#### DATA IN THIS EXERCISE
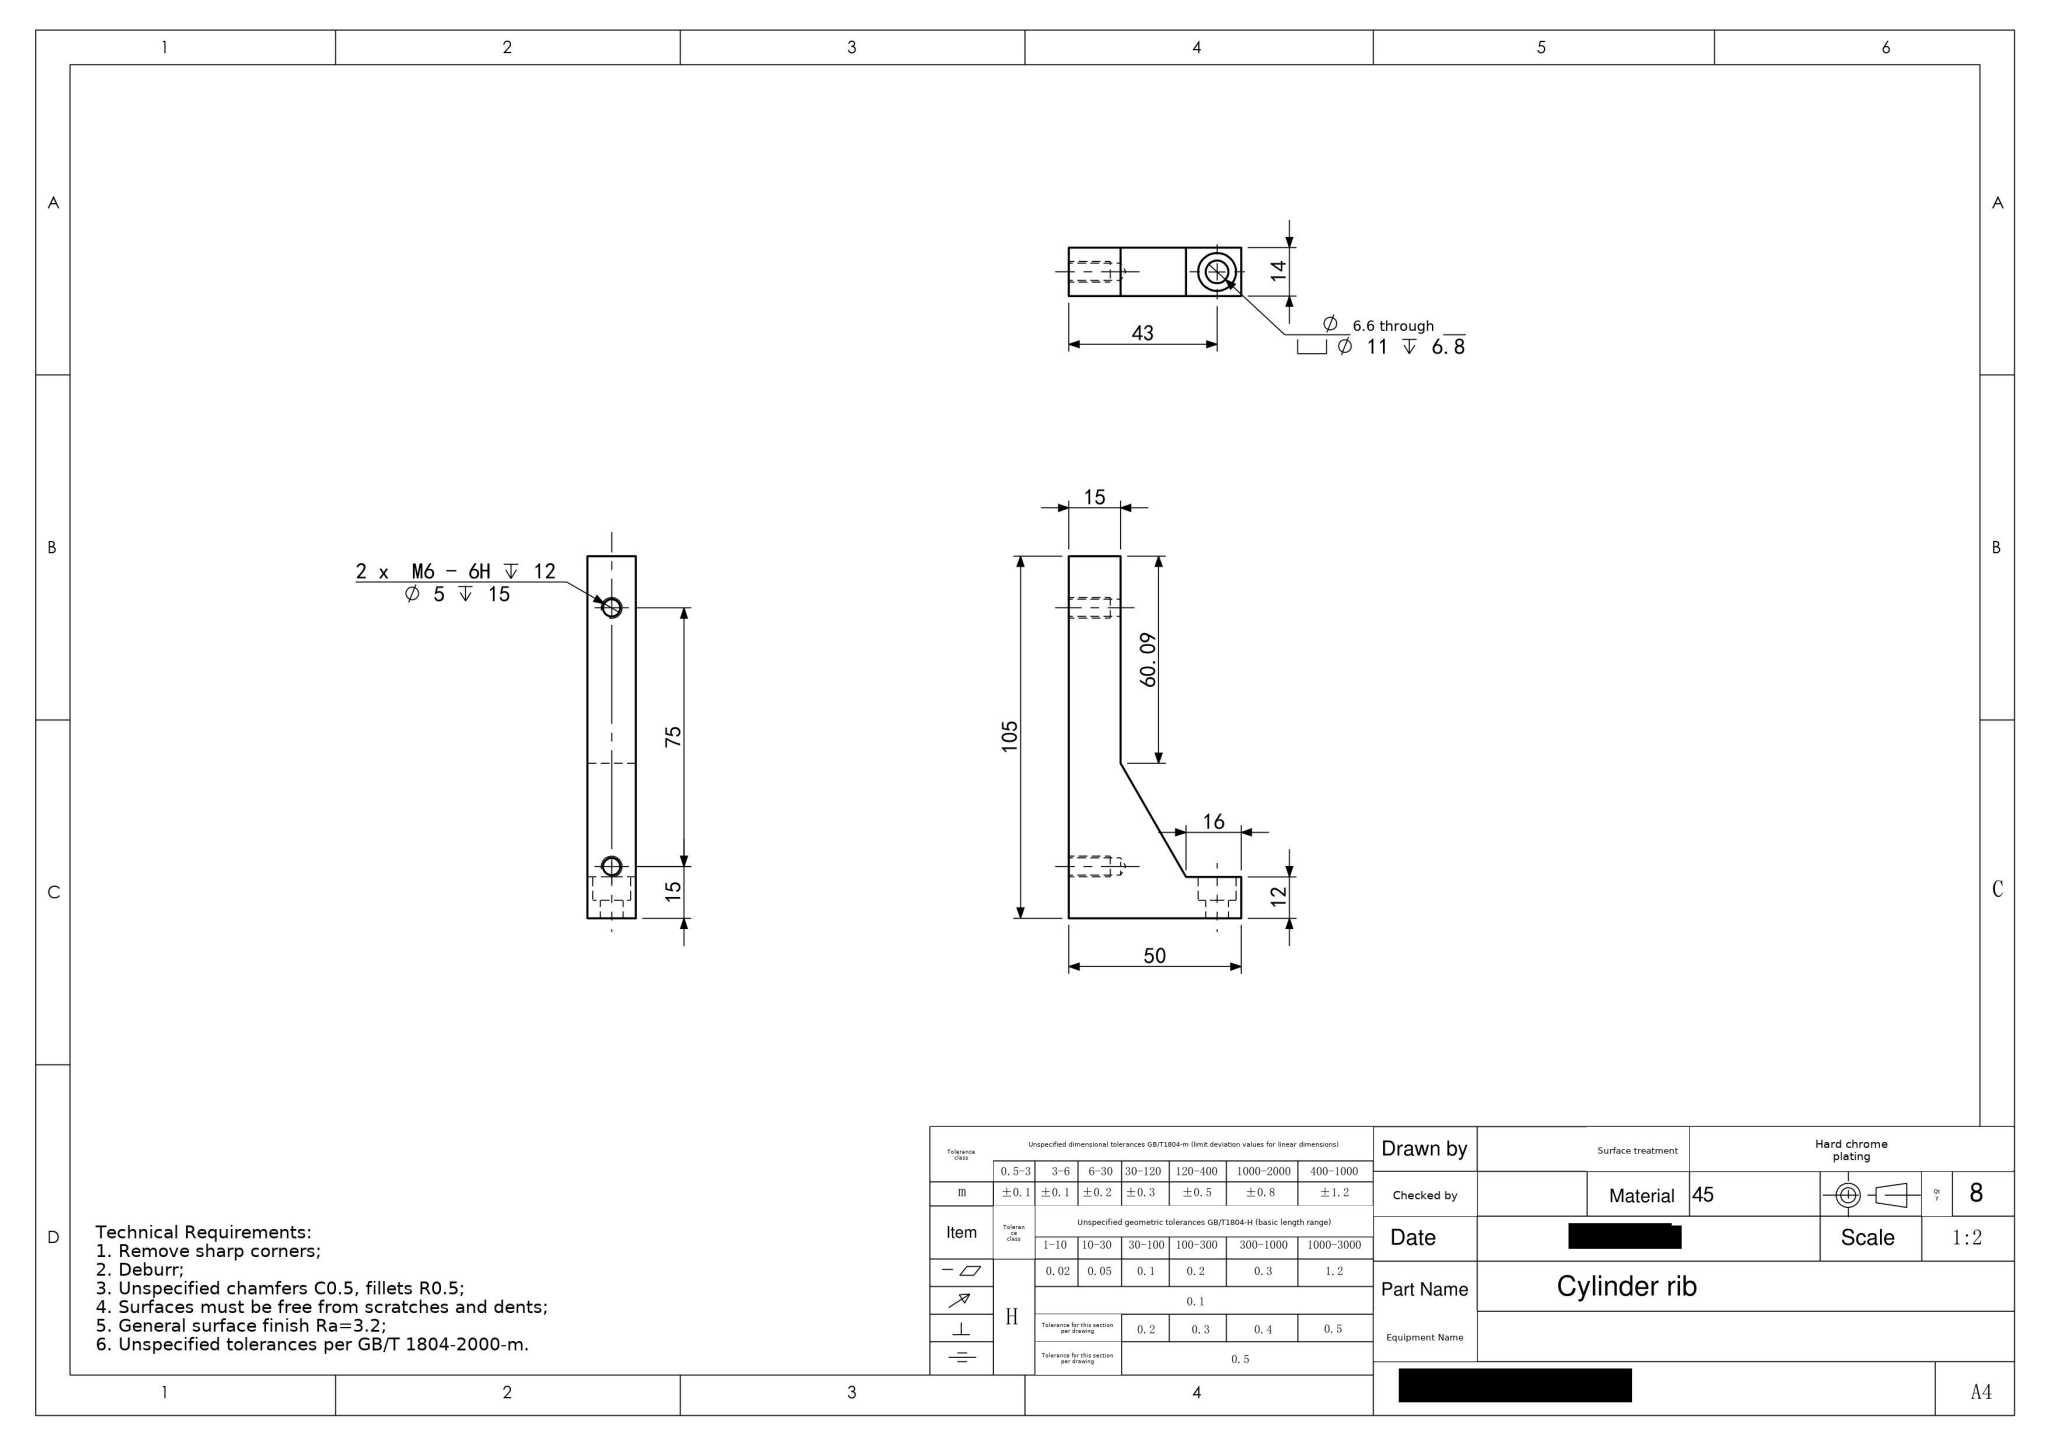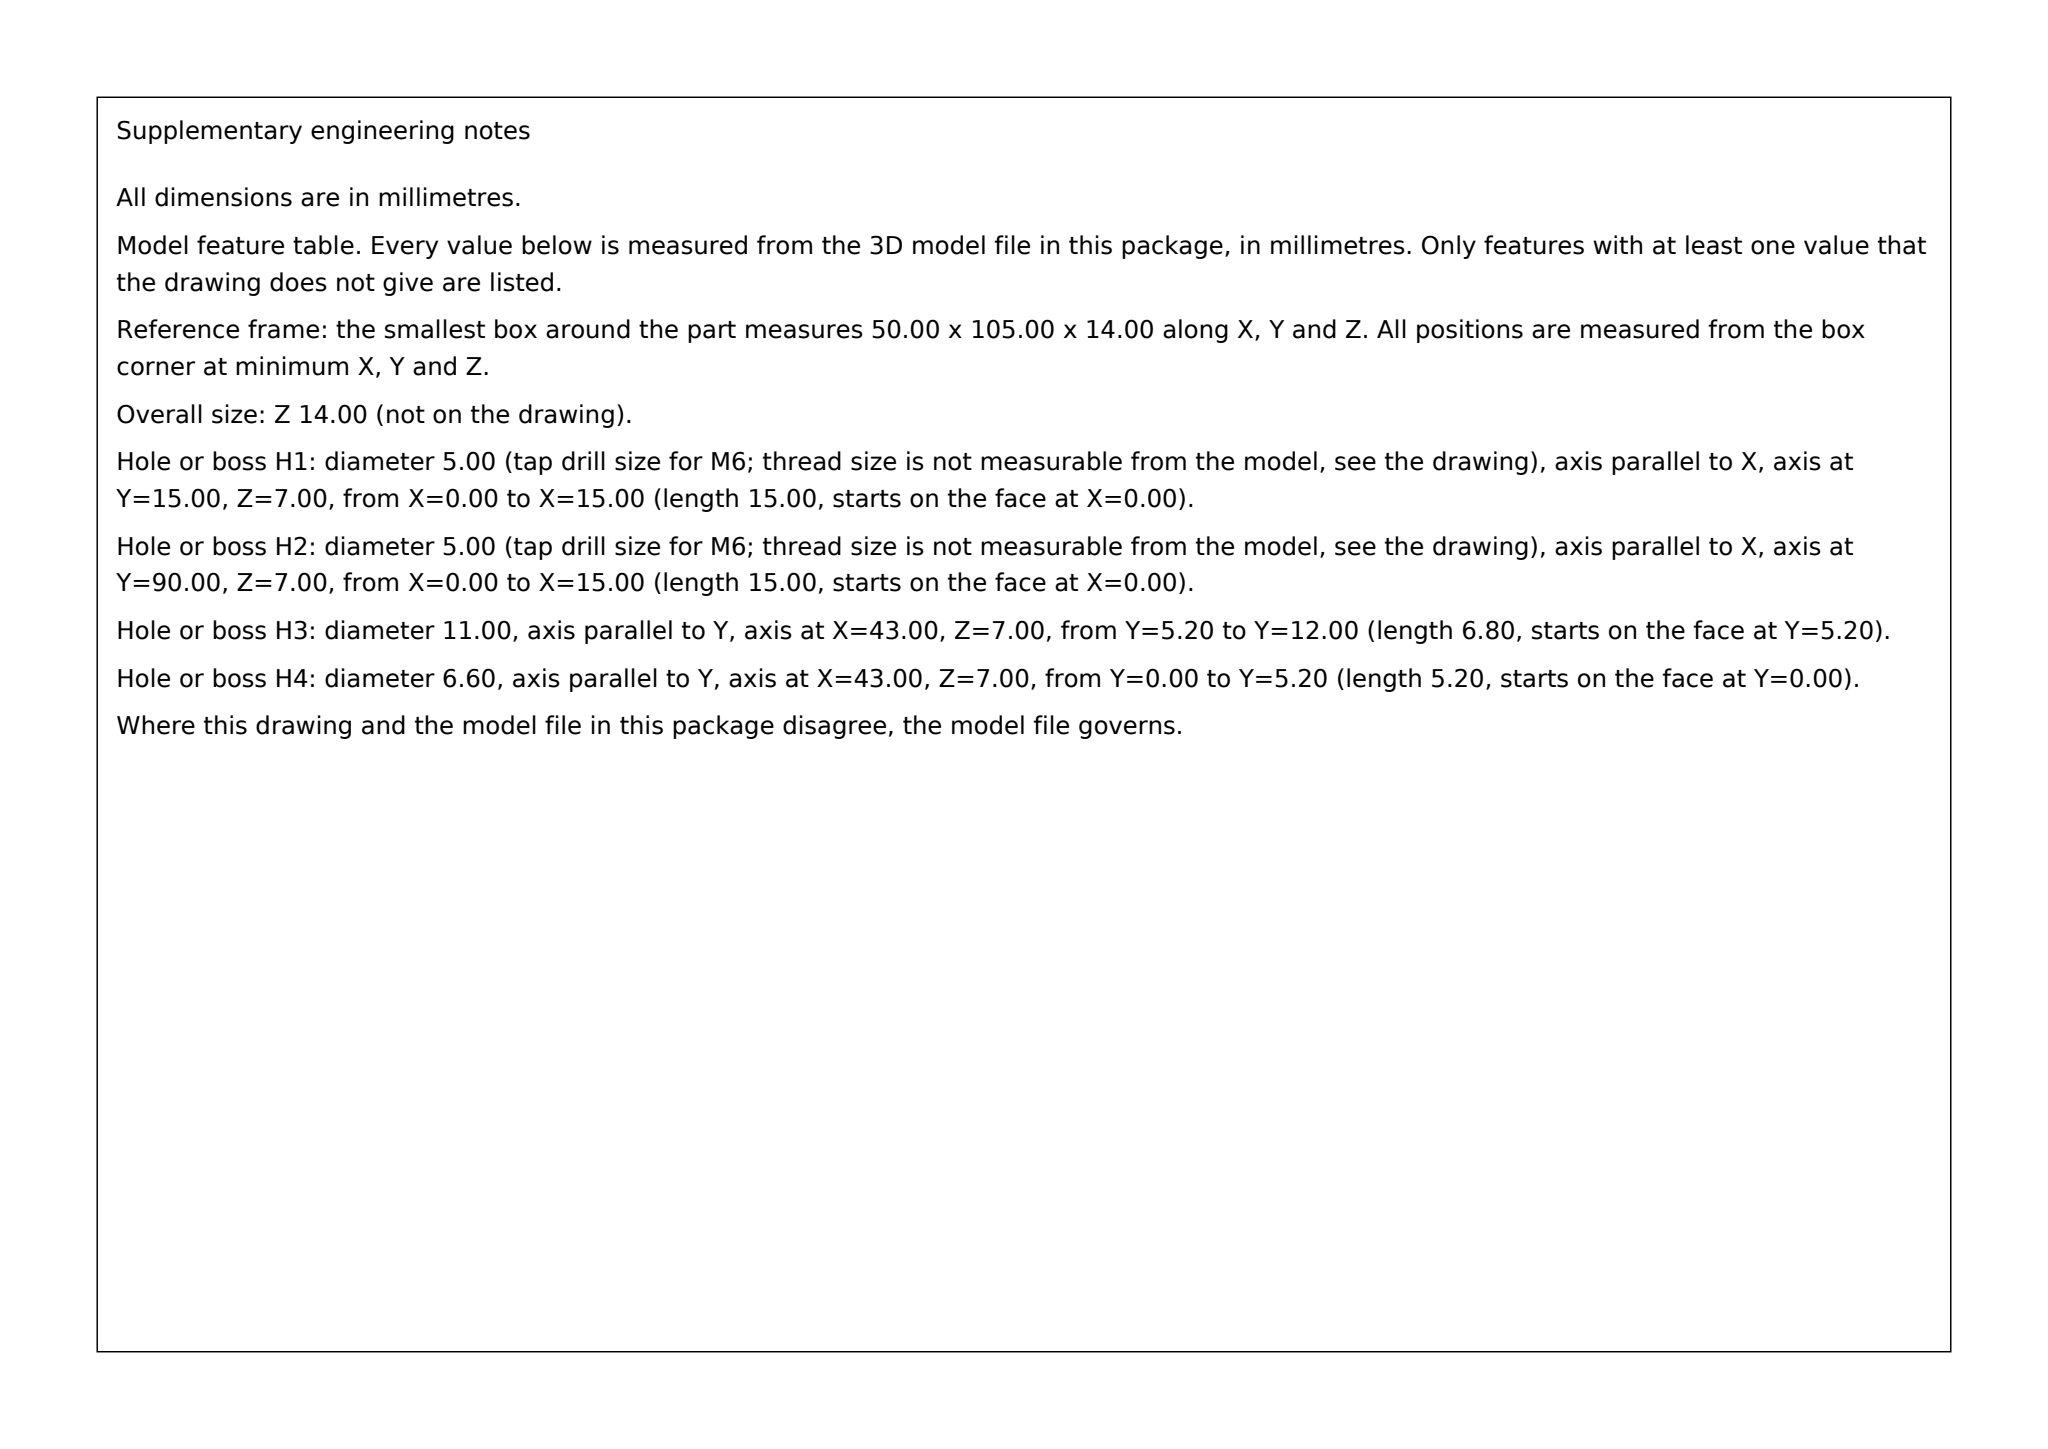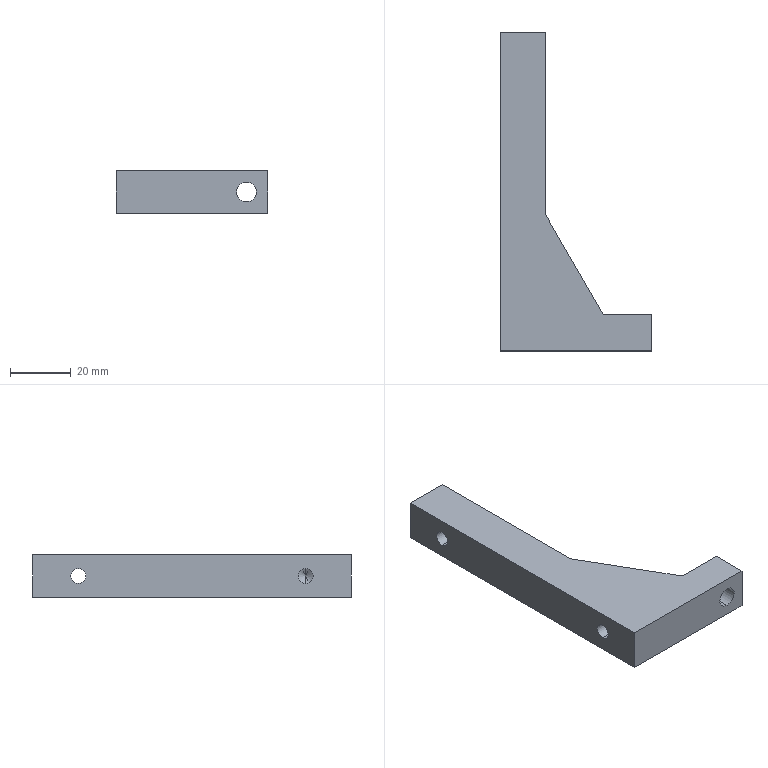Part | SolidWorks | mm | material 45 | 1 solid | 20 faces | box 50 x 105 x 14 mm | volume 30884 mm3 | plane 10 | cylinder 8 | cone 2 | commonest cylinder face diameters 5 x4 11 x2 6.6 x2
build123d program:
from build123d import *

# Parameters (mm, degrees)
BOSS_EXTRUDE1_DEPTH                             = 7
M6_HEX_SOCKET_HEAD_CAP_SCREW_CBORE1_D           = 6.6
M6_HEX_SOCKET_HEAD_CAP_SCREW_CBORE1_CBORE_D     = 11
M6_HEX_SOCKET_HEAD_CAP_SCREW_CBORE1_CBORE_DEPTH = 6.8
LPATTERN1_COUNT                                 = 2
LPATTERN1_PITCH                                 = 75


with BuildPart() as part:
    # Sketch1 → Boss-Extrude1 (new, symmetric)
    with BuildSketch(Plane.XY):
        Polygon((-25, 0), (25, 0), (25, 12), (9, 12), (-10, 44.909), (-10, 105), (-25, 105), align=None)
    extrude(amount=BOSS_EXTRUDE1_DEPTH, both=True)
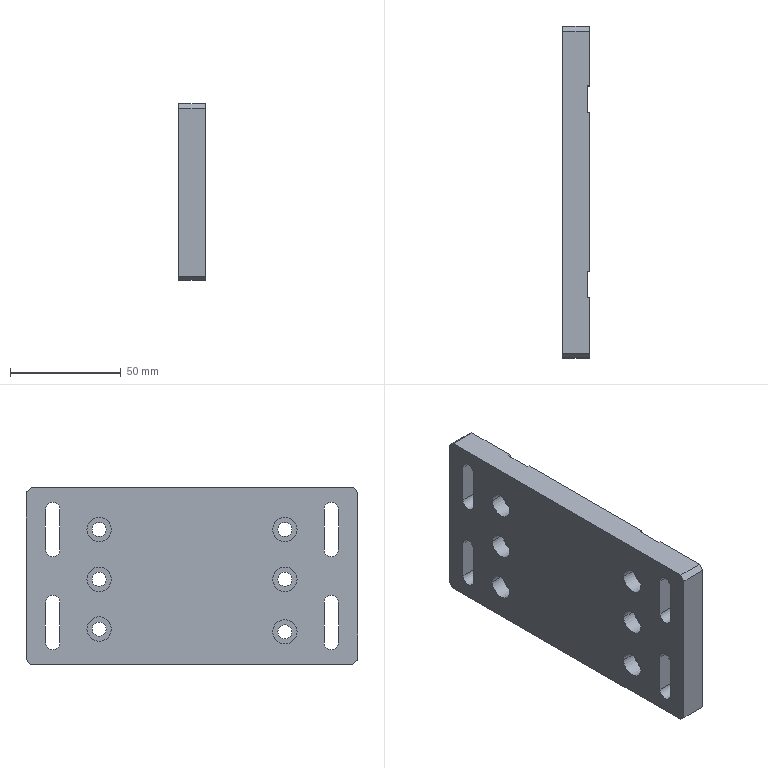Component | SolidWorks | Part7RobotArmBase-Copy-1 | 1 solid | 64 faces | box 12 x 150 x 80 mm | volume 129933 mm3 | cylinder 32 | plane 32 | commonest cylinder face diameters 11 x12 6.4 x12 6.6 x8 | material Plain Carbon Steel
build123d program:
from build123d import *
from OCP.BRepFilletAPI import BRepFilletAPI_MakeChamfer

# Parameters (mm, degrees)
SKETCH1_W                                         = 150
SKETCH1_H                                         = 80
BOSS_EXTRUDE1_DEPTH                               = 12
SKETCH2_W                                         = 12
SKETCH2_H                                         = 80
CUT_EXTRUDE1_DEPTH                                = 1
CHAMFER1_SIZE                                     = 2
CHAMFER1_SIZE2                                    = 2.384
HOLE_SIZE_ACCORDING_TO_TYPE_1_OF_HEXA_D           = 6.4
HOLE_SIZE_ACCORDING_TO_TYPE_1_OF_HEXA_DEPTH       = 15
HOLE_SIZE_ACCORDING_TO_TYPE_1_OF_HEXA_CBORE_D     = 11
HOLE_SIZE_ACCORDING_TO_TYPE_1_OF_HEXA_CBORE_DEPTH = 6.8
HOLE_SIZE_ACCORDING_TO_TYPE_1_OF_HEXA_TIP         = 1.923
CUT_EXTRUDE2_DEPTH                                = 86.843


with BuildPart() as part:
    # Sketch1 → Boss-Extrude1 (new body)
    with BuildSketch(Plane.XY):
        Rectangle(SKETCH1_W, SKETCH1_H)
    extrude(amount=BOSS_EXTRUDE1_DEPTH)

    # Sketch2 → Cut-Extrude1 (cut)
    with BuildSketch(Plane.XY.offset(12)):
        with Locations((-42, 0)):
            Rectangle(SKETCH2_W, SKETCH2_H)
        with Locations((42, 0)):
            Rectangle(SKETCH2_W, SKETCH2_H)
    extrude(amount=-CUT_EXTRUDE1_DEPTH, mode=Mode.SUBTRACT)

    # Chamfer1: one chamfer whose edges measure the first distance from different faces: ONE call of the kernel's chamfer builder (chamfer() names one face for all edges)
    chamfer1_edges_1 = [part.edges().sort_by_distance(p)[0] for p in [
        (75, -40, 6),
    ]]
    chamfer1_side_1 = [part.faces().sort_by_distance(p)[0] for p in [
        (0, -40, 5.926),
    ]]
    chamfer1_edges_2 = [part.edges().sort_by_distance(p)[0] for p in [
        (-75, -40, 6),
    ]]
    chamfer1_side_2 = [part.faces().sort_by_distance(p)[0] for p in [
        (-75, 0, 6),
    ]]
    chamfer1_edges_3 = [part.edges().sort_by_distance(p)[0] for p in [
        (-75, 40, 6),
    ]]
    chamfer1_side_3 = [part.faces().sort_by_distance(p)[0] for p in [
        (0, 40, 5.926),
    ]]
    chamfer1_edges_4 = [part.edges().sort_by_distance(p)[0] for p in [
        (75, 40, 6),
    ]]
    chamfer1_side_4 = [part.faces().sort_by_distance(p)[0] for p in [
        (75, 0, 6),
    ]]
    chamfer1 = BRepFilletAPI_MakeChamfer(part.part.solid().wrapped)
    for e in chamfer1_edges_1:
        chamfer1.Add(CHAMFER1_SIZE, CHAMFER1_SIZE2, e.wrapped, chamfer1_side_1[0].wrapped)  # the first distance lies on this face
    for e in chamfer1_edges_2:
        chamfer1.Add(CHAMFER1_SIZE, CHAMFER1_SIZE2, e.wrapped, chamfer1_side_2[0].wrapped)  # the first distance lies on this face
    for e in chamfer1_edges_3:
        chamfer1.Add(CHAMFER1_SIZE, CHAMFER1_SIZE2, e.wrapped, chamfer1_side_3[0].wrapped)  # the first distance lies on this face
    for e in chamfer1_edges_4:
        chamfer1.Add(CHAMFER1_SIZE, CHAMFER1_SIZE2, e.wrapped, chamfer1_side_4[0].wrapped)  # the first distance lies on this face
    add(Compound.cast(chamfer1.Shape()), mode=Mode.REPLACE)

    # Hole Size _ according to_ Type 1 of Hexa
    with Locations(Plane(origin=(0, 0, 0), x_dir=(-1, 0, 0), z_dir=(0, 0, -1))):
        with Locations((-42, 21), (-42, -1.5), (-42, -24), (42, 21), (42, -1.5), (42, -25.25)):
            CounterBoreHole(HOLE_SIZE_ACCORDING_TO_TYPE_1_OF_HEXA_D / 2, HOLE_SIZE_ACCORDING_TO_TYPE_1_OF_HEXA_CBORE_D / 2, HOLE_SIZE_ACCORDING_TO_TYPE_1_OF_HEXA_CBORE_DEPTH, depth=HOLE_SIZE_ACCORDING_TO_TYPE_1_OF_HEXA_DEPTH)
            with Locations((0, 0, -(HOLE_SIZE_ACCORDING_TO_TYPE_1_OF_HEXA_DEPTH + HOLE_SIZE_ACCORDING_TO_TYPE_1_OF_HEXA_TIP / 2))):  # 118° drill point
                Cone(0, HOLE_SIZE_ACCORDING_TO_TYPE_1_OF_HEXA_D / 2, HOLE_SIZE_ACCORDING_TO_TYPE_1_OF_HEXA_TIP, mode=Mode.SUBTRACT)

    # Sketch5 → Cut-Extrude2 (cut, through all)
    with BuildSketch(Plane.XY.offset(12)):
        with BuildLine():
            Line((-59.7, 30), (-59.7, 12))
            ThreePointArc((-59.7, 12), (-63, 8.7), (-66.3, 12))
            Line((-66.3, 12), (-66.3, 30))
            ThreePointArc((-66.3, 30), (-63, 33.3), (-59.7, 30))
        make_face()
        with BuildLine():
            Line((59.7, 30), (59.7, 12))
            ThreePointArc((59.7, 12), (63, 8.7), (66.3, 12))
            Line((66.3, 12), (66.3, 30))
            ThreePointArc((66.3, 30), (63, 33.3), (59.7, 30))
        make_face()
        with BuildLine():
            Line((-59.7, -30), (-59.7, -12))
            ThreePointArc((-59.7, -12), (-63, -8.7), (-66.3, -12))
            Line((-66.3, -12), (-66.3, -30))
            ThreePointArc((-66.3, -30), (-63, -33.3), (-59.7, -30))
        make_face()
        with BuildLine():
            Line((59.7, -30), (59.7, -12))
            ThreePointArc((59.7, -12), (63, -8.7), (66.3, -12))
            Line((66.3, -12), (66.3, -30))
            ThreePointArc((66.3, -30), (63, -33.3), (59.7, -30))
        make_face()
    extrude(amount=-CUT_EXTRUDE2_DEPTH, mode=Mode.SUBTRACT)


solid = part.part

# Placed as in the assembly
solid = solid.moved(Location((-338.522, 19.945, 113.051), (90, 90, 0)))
########
§ **WORK INSTRUCTION**
Give again exactly, and only, the lines above starting at the one with "ThreePointArc((66.3, 30), (63, 33.3), (59.7, 30))" and ending at the one with "ThreePointArc((59.7, -12), (63, -8.7), (66.3, -12))".

§ **SOLUTION FOR THIS PROBLEM**
            ThreePointArc((66.3, 30), (63, 33.3), (59.7, 30))
        make_face()
        with BuildLine():
            Line((-59.7, -30), (-59.7, -12))
            ThreePointArc((-59.7, -12), (-63, -8.7), (-66.3, -12))
            Line((-66.3, -12), (-66.3, -30))
            ThreePointArc((-66.3, -30), (-63, -33.3), (-59.7, -30))
        make_face()
        with BuildLine():
            Line((59.7, -30), (59.7, -12))
            ThreePointArc((59.7, -12), (63, -8.7), (66.3, -12))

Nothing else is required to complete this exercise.